GIVEN INFORMATION -
'''
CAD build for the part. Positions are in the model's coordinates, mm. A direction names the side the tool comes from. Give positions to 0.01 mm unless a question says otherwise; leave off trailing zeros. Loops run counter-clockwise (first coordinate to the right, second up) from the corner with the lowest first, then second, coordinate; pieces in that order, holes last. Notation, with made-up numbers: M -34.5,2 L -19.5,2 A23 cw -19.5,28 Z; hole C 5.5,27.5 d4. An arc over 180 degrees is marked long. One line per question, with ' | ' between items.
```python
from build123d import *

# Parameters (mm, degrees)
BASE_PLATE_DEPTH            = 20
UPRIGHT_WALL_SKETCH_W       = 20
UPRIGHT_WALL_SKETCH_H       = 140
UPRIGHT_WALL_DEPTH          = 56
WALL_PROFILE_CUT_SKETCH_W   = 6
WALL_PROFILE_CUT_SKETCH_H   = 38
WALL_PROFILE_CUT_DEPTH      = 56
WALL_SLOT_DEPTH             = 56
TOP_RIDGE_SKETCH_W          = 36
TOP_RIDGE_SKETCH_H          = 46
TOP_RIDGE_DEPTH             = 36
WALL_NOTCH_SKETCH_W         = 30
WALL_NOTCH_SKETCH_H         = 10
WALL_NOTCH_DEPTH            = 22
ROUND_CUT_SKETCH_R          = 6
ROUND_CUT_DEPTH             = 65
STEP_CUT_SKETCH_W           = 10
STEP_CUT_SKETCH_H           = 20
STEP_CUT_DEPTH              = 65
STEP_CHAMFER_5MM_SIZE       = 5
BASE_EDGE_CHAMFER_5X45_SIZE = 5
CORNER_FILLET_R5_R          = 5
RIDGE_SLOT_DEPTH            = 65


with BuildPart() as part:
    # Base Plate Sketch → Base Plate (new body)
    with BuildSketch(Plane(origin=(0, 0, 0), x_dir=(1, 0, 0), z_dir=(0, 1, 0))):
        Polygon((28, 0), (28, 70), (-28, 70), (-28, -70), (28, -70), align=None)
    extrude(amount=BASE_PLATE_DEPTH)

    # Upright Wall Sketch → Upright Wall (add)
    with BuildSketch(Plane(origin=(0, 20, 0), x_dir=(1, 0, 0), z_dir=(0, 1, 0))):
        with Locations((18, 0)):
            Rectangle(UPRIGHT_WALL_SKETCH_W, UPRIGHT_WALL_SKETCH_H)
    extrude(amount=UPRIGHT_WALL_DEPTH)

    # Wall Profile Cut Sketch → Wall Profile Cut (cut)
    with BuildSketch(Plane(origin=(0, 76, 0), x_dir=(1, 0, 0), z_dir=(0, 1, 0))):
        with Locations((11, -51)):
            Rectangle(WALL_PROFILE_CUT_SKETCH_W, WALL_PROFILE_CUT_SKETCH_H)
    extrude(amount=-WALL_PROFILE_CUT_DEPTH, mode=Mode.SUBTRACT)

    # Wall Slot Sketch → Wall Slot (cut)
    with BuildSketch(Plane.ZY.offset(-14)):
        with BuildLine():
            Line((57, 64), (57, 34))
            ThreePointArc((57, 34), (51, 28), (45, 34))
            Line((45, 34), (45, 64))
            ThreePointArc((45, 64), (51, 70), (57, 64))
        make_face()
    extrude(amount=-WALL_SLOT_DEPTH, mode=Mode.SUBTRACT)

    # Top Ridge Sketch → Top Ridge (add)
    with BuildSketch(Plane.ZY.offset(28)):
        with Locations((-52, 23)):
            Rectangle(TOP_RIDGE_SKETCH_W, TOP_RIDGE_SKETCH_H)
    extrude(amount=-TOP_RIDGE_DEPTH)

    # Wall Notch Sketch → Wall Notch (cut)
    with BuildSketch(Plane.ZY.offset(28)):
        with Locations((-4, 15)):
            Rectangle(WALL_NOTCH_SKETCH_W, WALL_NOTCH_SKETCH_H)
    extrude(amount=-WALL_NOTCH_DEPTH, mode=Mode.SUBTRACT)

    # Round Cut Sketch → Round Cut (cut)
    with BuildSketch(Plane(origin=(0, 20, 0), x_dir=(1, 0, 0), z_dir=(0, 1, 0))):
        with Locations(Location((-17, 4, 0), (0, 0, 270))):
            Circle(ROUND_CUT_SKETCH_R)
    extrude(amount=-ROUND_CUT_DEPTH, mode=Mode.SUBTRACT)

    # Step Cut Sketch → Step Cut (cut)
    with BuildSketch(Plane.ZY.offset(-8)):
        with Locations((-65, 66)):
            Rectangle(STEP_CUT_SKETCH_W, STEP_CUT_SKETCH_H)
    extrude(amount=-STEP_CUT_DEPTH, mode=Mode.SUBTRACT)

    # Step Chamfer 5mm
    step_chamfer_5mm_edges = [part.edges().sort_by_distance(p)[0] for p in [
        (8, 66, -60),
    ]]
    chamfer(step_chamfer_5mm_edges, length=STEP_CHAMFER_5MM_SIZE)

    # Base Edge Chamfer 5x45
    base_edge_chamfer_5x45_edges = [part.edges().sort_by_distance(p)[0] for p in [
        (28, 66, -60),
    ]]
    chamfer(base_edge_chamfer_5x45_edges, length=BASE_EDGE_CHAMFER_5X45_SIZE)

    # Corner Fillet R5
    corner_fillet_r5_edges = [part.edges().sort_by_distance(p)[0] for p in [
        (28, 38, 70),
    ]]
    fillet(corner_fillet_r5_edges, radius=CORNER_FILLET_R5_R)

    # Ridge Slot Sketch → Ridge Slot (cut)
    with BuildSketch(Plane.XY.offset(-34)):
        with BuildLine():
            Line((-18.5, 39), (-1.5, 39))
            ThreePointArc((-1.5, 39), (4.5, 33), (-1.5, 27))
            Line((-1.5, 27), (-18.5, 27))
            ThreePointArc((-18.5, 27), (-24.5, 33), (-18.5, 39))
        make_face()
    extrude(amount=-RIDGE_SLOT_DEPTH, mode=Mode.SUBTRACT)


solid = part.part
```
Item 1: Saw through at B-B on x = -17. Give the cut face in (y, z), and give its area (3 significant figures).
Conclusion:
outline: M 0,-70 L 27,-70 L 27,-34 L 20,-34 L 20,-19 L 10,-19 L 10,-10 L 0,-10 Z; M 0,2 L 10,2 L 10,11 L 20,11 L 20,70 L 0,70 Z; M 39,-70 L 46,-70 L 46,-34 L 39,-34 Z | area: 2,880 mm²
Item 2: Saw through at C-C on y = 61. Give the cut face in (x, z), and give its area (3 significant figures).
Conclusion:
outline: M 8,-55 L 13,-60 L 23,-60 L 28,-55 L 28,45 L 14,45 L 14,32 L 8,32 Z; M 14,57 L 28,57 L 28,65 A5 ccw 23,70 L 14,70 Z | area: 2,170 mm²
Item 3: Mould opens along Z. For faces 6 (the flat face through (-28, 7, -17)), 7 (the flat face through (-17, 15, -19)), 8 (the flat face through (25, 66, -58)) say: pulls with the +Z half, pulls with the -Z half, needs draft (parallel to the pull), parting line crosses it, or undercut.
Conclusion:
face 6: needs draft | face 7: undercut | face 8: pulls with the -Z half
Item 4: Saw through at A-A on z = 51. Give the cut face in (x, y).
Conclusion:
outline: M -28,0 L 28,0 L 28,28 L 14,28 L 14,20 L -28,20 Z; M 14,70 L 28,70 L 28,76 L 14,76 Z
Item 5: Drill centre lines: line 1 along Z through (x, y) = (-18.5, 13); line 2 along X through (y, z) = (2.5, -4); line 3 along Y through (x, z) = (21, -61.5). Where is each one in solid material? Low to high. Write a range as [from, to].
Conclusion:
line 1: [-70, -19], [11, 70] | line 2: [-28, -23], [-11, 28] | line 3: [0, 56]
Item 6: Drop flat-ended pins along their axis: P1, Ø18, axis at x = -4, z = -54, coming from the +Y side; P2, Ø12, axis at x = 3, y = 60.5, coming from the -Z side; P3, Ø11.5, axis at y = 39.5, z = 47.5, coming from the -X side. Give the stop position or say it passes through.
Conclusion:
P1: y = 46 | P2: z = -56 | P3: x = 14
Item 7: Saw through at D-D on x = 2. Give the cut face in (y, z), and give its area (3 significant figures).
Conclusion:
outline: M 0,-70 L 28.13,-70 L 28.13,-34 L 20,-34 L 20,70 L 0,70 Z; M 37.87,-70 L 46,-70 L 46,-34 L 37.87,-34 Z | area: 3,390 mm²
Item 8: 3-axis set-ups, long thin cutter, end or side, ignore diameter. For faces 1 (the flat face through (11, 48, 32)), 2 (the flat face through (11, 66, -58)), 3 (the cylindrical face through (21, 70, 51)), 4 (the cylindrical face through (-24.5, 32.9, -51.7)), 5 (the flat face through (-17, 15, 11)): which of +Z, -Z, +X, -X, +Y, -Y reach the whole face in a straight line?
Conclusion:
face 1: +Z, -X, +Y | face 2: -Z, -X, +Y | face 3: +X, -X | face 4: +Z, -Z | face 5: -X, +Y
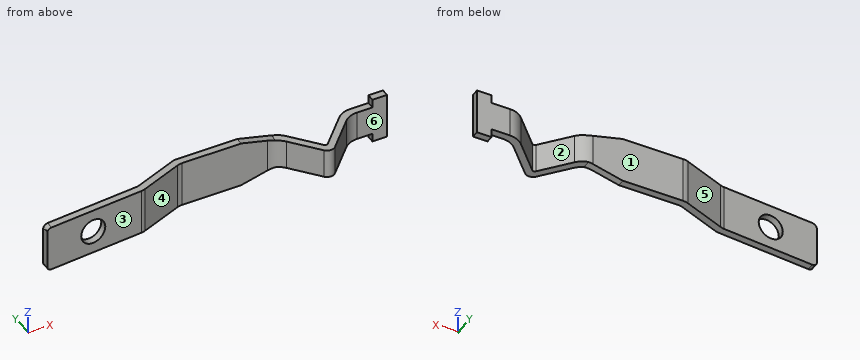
'''
AIM OF THE TASK - Show all lines in the entries above where the string "area" appears.

FINAL ANSWER -
Item 1: Saw through at B-B on x = -17. Give the cut face in (y, z), and give its area (3 significant figures).
outline: M 0,-70 L 27,-70 L 27,-34 L 20,-34 L 20,-19 L 10,-19 L 10,-10 L 0,-10 Z; M 0,2 L 10,2 L 10,11 L 20,11 L 20,70 L 0,70 Z; M 39,-70 L 46,-70 L 46,-34 L 39,-34 Z | area: 2,880 mm²
Item 2: Saw through at C-C on y = 61. Give the cut face in (x, z), and give its area (3 significant figures).
outline: M 8,-55 L 13,-60 L 23,-60 L 28,-55 L 28,45 L 14,45 L 14,32 L 8,32 Z; M 14,57 L 28,57 L 28,65 A5 ccw 23,70 L 14,70 Z | area: 2,170 mm²
Item 7: Saw through at D-D on x = 2. Give the cut face in (y, z), and give its area (3 significant figures).
outline: M 0,-70 L 28.13,-70 L 28.13,-34 L 20,-34 L 20,70 L 0,70 Z; M 37.87,-70 L 46,-70 L 46,-34 L 37.87,-34 Z | area: 3,390 mm²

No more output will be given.